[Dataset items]
════════════════
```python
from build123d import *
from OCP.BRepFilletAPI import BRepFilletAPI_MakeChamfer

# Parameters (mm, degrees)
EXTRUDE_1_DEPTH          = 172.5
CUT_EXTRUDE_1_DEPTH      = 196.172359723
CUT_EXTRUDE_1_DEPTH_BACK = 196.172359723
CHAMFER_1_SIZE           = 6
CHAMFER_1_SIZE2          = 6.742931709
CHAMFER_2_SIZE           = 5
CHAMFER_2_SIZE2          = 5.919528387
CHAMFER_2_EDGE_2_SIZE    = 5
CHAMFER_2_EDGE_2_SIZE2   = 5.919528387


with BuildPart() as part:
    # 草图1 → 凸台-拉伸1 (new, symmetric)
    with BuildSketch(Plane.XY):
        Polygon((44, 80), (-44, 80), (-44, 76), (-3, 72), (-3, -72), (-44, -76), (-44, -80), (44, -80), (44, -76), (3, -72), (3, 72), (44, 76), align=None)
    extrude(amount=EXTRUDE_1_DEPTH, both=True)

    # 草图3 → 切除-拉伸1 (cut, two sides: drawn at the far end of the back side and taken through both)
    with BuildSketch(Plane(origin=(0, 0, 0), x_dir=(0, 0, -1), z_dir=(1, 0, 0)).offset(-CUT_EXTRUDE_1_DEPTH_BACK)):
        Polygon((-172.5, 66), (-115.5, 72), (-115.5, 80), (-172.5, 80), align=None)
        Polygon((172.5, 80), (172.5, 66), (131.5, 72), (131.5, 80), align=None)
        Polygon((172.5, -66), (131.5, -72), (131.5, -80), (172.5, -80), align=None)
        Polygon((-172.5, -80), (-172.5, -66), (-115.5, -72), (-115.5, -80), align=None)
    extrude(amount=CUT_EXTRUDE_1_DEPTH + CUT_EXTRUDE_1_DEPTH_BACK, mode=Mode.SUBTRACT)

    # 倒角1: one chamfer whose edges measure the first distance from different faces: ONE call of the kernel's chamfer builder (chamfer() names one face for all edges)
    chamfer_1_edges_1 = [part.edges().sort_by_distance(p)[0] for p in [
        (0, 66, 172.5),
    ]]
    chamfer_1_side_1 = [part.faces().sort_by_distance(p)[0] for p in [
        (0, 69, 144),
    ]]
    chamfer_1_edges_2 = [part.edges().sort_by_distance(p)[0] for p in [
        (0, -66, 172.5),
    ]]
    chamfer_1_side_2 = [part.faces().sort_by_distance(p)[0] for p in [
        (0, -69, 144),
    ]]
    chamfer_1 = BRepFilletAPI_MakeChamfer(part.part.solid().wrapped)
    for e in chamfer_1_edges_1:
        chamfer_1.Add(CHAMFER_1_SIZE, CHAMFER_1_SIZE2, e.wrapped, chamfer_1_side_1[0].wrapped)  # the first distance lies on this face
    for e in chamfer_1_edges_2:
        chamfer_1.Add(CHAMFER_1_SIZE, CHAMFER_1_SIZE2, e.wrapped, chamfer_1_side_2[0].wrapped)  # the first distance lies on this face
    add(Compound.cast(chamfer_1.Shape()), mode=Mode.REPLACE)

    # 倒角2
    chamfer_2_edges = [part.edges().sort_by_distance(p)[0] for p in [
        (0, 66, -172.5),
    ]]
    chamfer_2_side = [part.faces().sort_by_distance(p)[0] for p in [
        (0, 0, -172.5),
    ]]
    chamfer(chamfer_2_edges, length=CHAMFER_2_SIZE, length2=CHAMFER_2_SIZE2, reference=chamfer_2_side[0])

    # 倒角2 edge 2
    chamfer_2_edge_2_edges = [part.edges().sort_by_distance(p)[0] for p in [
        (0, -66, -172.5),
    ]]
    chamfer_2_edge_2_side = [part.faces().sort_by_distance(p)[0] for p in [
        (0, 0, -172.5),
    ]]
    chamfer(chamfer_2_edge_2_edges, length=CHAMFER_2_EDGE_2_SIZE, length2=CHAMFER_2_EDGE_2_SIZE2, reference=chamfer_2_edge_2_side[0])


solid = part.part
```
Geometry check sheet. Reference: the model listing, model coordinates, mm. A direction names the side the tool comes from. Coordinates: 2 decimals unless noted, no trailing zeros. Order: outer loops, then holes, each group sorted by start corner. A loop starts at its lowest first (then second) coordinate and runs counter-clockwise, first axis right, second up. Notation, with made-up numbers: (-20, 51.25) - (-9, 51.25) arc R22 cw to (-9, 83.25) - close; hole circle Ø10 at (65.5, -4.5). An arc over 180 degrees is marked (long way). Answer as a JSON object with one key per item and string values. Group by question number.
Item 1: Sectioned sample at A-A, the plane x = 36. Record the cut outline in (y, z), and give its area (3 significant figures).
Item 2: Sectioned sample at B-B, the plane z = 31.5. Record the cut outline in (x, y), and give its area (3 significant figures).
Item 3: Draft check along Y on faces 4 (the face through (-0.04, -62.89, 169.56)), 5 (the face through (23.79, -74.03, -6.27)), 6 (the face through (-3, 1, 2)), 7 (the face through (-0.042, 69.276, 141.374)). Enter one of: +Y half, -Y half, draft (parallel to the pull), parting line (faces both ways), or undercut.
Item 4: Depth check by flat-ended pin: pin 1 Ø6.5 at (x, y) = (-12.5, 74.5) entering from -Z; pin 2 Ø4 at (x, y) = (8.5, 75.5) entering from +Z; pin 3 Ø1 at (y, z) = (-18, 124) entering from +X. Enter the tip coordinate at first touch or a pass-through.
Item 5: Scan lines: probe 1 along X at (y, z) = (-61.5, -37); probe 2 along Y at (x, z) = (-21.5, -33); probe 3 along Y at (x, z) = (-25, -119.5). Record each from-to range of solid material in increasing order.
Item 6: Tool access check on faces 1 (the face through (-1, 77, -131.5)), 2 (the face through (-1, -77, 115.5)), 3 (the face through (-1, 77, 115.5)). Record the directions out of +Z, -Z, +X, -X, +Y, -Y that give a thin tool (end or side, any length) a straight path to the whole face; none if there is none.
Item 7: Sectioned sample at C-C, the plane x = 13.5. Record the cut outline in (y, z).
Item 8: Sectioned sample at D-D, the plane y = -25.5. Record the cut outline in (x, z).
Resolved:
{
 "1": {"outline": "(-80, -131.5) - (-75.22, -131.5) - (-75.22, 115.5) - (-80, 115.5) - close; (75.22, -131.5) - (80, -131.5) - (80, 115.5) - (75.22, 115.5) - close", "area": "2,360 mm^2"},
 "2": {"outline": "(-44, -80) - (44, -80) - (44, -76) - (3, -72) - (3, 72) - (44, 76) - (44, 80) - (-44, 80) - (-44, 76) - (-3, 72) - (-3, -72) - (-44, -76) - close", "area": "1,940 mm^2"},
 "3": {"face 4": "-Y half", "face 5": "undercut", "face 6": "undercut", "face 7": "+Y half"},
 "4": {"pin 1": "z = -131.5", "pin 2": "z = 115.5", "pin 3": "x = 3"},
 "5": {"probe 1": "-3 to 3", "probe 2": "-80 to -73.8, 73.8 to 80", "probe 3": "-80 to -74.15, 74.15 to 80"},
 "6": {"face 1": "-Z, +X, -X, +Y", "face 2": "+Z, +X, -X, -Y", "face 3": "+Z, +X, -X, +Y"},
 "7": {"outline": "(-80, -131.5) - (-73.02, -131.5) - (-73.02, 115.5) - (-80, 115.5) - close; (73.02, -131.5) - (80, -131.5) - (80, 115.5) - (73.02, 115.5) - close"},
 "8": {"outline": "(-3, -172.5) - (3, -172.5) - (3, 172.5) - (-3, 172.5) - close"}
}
════════════════
**Task objective**
Copy every record again, keeping each word unchanged.

**Response to the task**
```python
from build123d import *
from OCP.BRepFilletAPI import BRepFilletAPI_MakeChamfer

# Parameters (mm, degrees)
EXTRUDE_1_DEPTH          = 172.5
CUT_EXTRUDE_1_DEPTH      = 196.172359723
CUT_EXTRUDE_1_DEPTH_BACK = 196.172359723
CHAMFER_1_SIZE           = 6
CHAMFER_1_SIZE2          = 6.742931709
CHAMFER_2_SIZE           = 5
CHAMFER_2_SIZE2          = 5.919528387
CHAMFER_2_EDGE_2_SIZE    = 5
CHAMFER_2_EDGE_2_SIZE2   = 5.919528387


with BuildPart() as part:
    # 草图1 → 凸台-拉伸1 (new, symmetric)
    with BuildSketch(Plane.XY):
        Polygon((44, 80), (-44, 80), (-44, 76), (-3, 72), (-3, -72), (-44, -76), (-44, -80), (44, -80), (44, -76), (3, -72), (3, 72), (44, 76), align=None)
    extrude(amount=EXTRUDE_1_DEPTH, both=True)

    # 草图3 → 切除-拉伸1 (cut, two sides: drawn at the far end of the back side and taken through both)
    with BuildSketch(Plane(origin=(0, 0, 0), x_dir=(0, 0, -1), z_dir=(1, 0, 0)).offset(-CUT_EXTRUDE_1_DEPTH_BACK)):
        Polygon((-172.5, 66), (-115.5, 72), (-115.5, 80), (-172.5, 80), align=None)
        Polygon((172.5, 80), (172.5, 66), (131.5, 72), (131.5, 80), align=None)
        Polygon((172.5, -66), (131.5, -72), (131.5, -80), (172.5, -80), align=None)
        Polygon((-172.5, -80), (-172.5, -66), (-115.5, -72), (-115.5, -80), align=None)
    extrude(amount=CUT_EXTRUDE_1_DEPTH + CUT_EXTRUDE_1_DEPTH_BACK, mode=Mode.SUBTRACT)

    # 倒角1: one chamfer whose edges measure the first distance from different faces: ONE call of the kernel's chamfer builder (chamfer() names one face for all edges)
    chamfer_1_edges_1 = [part.edges().sort_by_distance(p)[0] for p in [
        (0, 66, 172.5),
    ]]
    chamfer_1_side_1 = [part.faces().sort_by_distance(p)[0] for p in [
        (0, 69, 144),
    ]]
    chamfer_1_edges_2 = [part.edges().sort_by_distance(p)[0] for p in [
        (0, -66, 172.5),
    ]]
    chamfer_1_side_2 = [part.faces().sort_by_distance(p)[0] for p in [
        (0, -69, 144),
    ]]
    chamfer_1 = BRepFilletAPI_MakeChamfer(part.part.solid().wrapped)
    for e in chamfer_1_edges_1:
        chamfer_1.Add(CHAMFER_1_SIZE, CHAMFER_1_SIZE2, e.wrapped, chamfer_1_side_1[0].wrapped)  # the first distance lies on this face
    for e in chamfer_1_edges_2:
        chamfer_1.Add(CHAMFER_1_SIZE, CHAMFER_1_SIZE2, e.wrapped, chamfer_1_side_2[0].wrapped)  # the first distance lies on this face
    add(Compound.cast(chamfer_1.Shape()), mode=Mode.REPLACE)

    # 倒角2
    chamfer_2_edges = [part.edges().sort_by_distance(p)[0] for p in [
        (0, 66, -172.5),
    ]]
    chamfer_2_side = [part.faces().sort_by_distance(p)[0] for p in [
        (0, 0, -172.5),
    ]]
    chamfer(chamfer_2_edges, length=CHAMFER_2_SIZE, length2=CHAMFER_2_SIZE2, reference=chamfer_2_side[0])

    # 倒角2 edge 2
    chamfer_2_edge_2_edges = [part.edges().sort_by_distance(p)[0] for p in [
        (0, -66, -172.5),
    ]]
    chamfer_2_edge_2_side = [part.faces().sort_by_distance(p)[0] for p in [
        (0, 0, -172.5),
    ]]
    chamfer(chamfer_2_edge_2_edges, length=CHAMFER_2_EDGE_2_SIZE, length2=CHAMFER_2_EDGE_2_SIZE2, reference=chamfer_2_edge_2_side[0])


solid = part.part
```
Geometry check sheet. Reference: the model listing, model coordinates, mm. A direction names the side the tool comes from. Coordinates: 2 decimals unless noted, no trailing zeros. Order: outer loops, then holes, each group sorted by start corner. A loop starts at its lowest first (then second) coordinate and runs counter-clockwise, first axis right, second up. Notation, with made-up numbers: (-20, 51.25) - (-9, 51.25) arc R22 cw to (-9, 83.25) - close; hole circle Ø10 at (65.5, -4.5). An arc over 180 degrees is marked (long way). Answer as a JSON object with one key per item and string values. Group by question number.
Item 1: Sectioned sample at A-A, the plane x = 36. Record the cut outline in (y, z), and give its area (3 significant figures).
Item 2: Sectioned sample at B-B, the plane z = 31.5. Record the cut outline in (x, y), and give its area (3 significant figures).
Item 3: Draft check along Y on faces 4 (the face through (-0.04, -62.89, 169.56)), 5 (the face through (23.79, -74.03, -6.27)), 6 (the face through (-3, 1, 2)), 7 (the face through (-0.042, 69.276, 141.374)). Enter one of: +Y half, -Y half, draft (parallel to the pull), parting line (faces both ways), or undercut.
Item 4: Depth check by flat-ended pin: pin 1 Ø6.5 at (x, y) = (-12.5, 74.5) entering from -Z; pin 2 Ø4 at (x, y) = (8.5, 75.5) entering from +Z; pin 3 Ø1 at (y, z) = (-18, 124) entering from +X. Enter the tip coordinate at first touch or a pass-through.
Item 5: Scan lines: probe 1 along X at (y, z) = (-61.5, -37); probe 2 along Y at (x, z) = (-21.5, -33); probe 3 along Y at (x, z) = (-25, -119.5). Record each from-to range of solid material in increasing order.
Item 6: Tool access check on faces 1 (the face through (-1, 77, -131.5)), 2 (the face through (-1, -77, 115.5)), 3 (the face through (-1, 77, 115.5)). Record the directions out of +Z, -Z, +X, -X, +Y, -Y that give a thin tool (end or side, any length) a straight path to the whole face; none if there is none.
Item 7: Sectioned sample at C-C, the plane x = 13.5. Record the cut outline in (y, z).
Item 8: Sectioned sample at D-D, the plane y = -25.5. Record the cut outline in (x, z).
Resolved:
{
 "1": {"outline": "(-80, -131.5) - (-75.22, -131.5) - (-75.22, 115.5) - (-80, 115.5) - close; (75.22, -131.5) - (80, -131.5) - (80, 115.5) - (75.22, 115.5) - close", "area": "2,360 mm^2"},
 "2": {"outline": "(-44, -80) - (44, -80) - (44, -76) - (3, -72) - (3, 72) - (44, 76) - (44, 80) - (-44, 80) - (-44, 76) - (-3, 72) - (-3, -72) - (-44, -76) - close", "area": "1,940 mm^2"},
 "3": {"face 4": "-Y half", "face 5": "undercut", "face 6": "undercut", "face 7": "+Y half"},
 "4": {"pin 1": "z = -131.5", "pin 2": "z = 115.5", "pin 3": "x = 3"},
 "5": {"probe 1": "-3 to 3", "probe 2": "-80 to -73.8, 73.8 to 80", "probe 3": "-80 to -74.15, 74.15 to 80"},
 "6": {"face 1": "-Z, +X, -X, +Y", "face 2": "+Z, +X, -X, -Y", "face 3": "+Z, +X, -X, +Y"},
 "7": {"outline": "(-80, -131.5) - (-73.02, -131.5) - (-73.02, 115.5) - (-80, 115.5) - close; (73.02, -131.5) - (80, -131.5) - (80, 115.5) - (73.02, 115.5) - close"},
 "8": {"outline": "(-3, -172.5) - (3, -172.5) - (3, 172.5) - (-3, 172.5) - close"}
}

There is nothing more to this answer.